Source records
____________________

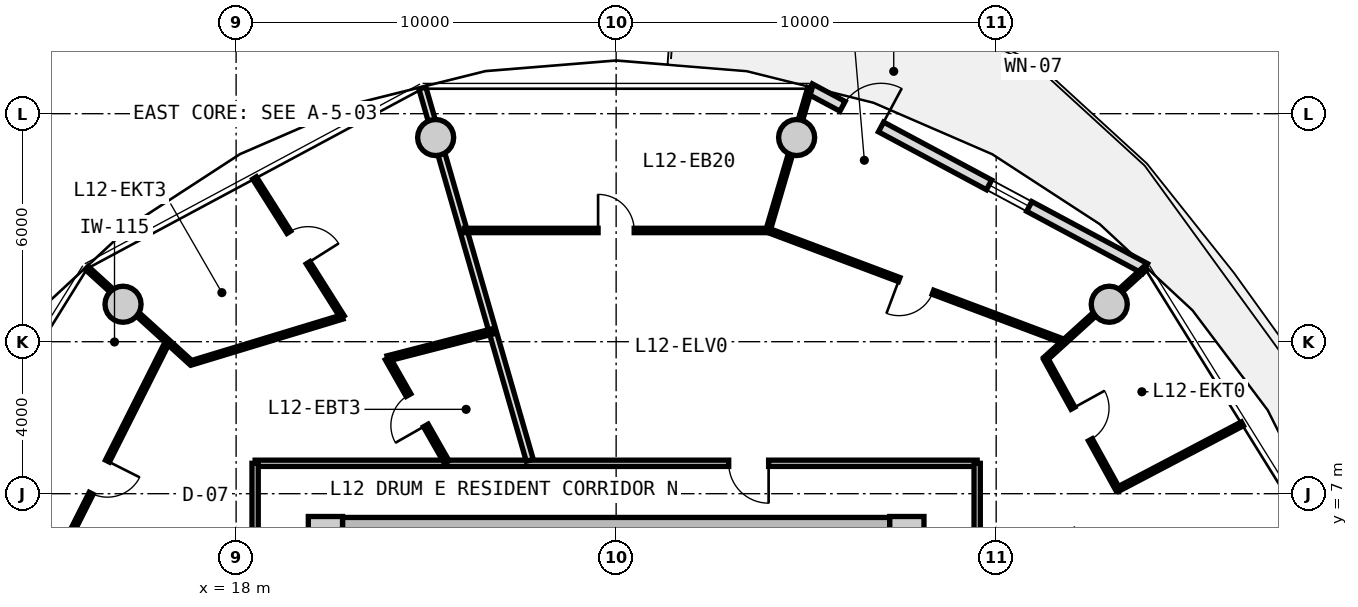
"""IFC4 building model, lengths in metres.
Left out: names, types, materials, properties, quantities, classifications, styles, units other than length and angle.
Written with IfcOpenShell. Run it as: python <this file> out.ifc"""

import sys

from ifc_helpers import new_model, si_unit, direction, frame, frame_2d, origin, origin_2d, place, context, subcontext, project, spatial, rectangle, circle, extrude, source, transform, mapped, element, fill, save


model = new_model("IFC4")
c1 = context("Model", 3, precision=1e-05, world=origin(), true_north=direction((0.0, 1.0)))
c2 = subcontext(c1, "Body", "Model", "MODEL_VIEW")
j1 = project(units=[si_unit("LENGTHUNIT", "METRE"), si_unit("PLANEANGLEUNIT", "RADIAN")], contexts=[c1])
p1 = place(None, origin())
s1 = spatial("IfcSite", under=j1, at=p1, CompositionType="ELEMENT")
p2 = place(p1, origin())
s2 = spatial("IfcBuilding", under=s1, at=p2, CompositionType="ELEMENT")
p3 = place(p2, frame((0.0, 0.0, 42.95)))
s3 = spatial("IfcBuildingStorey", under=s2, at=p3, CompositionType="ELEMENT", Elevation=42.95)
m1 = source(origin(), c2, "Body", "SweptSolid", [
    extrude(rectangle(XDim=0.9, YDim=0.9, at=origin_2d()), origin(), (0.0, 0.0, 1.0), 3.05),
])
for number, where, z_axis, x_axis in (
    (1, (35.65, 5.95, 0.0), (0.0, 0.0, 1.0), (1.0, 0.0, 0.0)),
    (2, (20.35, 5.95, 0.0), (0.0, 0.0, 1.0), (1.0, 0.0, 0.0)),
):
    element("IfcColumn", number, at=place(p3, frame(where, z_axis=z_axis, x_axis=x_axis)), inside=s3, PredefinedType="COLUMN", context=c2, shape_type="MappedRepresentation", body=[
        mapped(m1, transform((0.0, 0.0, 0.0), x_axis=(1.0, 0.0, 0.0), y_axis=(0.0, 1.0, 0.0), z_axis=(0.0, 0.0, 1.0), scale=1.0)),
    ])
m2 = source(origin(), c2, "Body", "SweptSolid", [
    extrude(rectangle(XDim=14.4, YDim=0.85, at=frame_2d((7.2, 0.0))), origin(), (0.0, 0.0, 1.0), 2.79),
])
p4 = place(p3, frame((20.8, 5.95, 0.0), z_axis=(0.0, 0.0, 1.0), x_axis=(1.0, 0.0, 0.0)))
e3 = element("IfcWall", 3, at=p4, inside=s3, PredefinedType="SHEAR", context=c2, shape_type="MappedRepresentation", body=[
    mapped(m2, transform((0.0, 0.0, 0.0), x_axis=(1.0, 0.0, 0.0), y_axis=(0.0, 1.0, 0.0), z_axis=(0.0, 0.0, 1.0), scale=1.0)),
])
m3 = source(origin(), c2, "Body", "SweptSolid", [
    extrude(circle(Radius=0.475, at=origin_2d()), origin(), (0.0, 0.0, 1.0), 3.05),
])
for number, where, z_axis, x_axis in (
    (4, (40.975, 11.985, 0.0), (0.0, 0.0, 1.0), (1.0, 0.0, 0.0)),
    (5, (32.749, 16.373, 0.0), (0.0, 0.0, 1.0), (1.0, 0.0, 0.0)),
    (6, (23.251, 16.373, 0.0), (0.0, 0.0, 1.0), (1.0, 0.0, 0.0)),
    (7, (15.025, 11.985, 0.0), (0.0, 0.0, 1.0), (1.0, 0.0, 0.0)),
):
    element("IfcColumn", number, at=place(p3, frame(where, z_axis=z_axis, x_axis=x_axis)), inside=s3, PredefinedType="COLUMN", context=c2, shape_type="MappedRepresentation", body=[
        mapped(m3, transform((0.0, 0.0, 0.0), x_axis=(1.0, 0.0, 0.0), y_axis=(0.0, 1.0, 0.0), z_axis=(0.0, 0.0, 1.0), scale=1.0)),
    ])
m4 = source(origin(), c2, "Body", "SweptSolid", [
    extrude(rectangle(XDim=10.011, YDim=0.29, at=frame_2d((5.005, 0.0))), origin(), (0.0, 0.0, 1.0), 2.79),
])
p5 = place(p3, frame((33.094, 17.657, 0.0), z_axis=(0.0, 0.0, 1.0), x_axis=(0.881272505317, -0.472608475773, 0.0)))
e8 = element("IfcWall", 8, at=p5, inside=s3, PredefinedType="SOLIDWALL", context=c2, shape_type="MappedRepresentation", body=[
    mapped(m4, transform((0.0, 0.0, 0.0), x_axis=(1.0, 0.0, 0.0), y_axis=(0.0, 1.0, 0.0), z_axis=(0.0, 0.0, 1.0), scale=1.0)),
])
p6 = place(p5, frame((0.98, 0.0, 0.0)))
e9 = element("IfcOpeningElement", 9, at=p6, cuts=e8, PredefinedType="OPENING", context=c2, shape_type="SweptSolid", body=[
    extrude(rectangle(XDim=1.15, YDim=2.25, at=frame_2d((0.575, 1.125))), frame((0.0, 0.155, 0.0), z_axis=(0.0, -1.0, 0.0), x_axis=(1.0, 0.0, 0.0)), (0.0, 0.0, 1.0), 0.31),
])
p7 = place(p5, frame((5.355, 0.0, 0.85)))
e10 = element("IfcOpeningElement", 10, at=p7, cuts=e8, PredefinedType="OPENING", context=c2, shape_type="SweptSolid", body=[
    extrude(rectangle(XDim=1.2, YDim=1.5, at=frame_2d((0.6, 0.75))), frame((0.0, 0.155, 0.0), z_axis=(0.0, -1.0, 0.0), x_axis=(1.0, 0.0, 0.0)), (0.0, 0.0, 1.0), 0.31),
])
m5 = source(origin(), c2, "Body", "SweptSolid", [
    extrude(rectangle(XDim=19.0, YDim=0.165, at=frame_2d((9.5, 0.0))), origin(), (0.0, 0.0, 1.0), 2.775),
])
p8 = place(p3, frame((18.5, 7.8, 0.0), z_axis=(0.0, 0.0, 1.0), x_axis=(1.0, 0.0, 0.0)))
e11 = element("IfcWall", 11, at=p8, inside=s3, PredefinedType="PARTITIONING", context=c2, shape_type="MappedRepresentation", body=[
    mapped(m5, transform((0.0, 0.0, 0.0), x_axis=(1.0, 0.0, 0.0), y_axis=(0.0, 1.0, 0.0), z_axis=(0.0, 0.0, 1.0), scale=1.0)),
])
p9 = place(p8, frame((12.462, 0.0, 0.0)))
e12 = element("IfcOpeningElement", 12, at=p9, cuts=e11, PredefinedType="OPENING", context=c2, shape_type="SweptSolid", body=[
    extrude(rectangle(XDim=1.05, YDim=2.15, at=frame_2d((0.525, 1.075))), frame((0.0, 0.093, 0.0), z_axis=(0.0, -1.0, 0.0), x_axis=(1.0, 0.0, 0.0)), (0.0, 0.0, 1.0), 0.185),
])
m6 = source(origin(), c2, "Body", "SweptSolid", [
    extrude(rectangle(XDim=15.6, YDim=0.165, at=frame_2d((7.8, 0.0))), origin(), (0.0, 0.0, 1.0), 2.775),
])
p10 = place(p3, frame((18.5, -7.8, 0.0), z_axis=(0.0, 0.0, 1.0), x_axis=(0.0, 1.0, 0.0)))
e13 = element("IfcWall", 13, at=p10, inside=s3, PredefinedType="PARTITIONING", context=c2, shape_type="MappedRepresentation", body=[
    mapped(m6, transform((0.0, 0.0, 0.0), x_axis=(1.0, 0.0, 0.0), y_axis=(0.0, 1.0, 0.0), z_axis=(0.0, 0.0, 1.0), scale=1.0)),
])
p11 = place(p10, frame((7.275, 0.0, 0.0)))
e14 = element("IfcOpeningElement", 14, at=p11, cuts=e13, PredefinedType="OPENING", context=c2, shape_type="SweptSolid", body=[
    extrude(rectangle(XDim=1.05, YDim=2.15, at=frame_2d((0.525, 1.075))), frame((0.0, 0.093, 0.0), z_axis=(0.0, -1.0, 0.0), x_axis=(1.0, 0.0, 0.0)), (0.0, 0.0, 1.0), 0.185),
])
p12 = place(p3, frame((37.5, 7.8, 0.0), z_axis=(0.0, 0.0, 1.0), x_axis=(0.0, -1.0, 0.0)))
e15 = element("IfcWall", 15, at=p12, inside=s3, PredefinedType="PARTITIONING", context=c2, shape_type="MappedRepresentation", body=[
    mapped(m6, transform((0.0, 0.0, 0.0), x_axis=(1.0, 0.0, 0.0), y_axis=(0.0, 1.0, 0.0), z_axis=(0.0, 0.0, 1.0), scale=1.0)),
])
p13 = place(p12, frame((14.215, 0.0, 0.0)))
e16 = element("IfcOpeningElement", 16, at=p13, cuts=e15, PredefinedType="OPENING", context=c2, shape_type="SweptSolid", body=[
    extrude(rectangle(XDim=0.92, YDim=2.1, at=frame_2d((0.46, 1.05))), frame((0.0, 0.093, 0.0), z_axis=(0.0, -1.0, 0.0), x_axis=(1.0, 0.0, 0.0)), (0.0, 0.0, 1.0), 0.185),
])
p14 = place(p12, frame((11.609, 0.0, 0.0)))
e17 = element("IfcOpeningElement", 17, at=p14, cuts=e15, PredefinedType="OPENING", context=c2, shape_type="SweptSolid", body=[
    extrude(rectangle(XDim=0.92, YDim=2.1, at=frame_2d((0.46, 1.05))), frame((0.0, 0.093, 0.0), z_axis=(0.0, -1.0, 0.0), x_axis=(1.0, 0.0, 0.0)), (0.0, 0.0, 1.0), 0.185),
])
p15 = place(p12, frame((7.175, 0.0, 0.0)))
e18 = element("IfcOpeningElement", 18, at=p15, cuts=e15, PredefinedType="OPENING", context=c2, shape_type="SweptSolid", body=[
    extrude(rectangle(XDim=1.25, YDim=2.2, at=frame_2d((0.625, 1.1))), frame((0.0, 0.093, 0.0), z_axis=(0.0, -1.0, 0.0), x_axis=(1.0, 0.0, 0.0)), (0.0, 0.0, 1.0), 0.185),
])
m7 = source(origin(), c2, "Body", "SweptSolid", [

____________________

TASK INSTRUCTIONS
Retype only this portion of the data above: the line containing "p9 = place(p8, frame((12.462, 0.0, 0.0)))", the line containing "p14 = place(p12, frame((11.609, 0.0, 0.0)))", and all lines between them, exactly.

RESPONSE
p9 = place(p8, frame((12.462, 0.0, 0.0)))
e12 = element("IfcOpeningElement", 12, at=p9, cuts=e11, PredefinedType="OPENING", context=c2, shape_type="SweptSolid", body=[
    extrude(rectangle(XDim=1.05, YDim=2.15, at=frame_2d((0.525, 1.075))), frame((0.0, 0.093, 0.0), z_axis=(0.0, -1.0, 0.0), x_axis=(1.0, 0.0, 0.0)), (0.0, 0.0, 1.0), 0.185),
])
m6 = source(origin(), c2, "Body", "SweptSolid", [
    extrude(rectangle(XDim=15.6, YDim=0.165, at=frame_2d((7.8, 0.0))), origin(), (0.0, 0.0, 1.0), 2.775),
])
p10 = place(p3, frame((18.5, -7.8, 0.0), z_axis=(0.0, 0.0, 1.0), x_axis=(0.0, 1.0, 0.0)))
e13 = element("IfcWall", 13, at=p10, inside=s3, PredefinedType="PARTITIONING", context=c2, shape_type="MappedRepresentation", body=[
    mapped(m6, transform((0.0, 0.0, 0.0), x_axis=(1.0, 0.0, 0.0), y_axis=(0.0, 1.0, 0.0), z_axis=(0.0, 0.0, 1.0), scale=1.0)),
])
p11 = place(p10, frame((7.275, 0.0, 0.0)))
e14 = element("IfcOpeningElement", 14, at=p11, cuts=e13, PredefinedType="OPENING", context=c2, shape_type="SweptSolid", body=[
    extrude(rectangle(XDim=1.05, YDim=2.15, at=frame_2d((0.525, 1.075))), frame((0.0, 0.093, 0.0), z_axis=(0.0, -1.0, 0.0), x_axis=(1.0, 0.0, 0.0)), (0.0, 0.0, 1.0), 0.185),
])
p12 = place(p3, frame((37.5, 7.8, 0.0), z_axis=(0.0, 0.0, 1.0), x_axis=(0.0, -1.0, 0.0)))
e15 = element("IfcWall", 15, at=p12, inside=s3, PredefinedType="PARTITIONING", context=c2, shape_type="MappedRepresentation", body=[
    mapped(m6, transform((0.0, 0.0, 0.0), x_axis=(1.0, 0.0, 0.0), y_axis=(0.0, 1.0, 0.0), z_axis=(0.0, 0.0, 1.0), scale=1.0)),
])
p13 = place(p12, frame((14.215, 0.0, 0.0)))
e16 = element("IfcOpeningElement", 16, at=p13, cuts=e15, PredefinedType="OPENING", context=c2, shape_type="SweptSolid", body=[
    extrude(rectangle(XDim=0.92, YDim=2.1, at=frame_2d((0.46, 1.05))), frame((0.0, 0.093, 0.0), z_axis=(0.0, -1.0, 0.0), x_axis=(1.0, 0.0, 0.0)), (0.0, 0.0, 1.0), 0.185),
])
p14 = place(p12, frame((11.609, 0.0, 0.0)))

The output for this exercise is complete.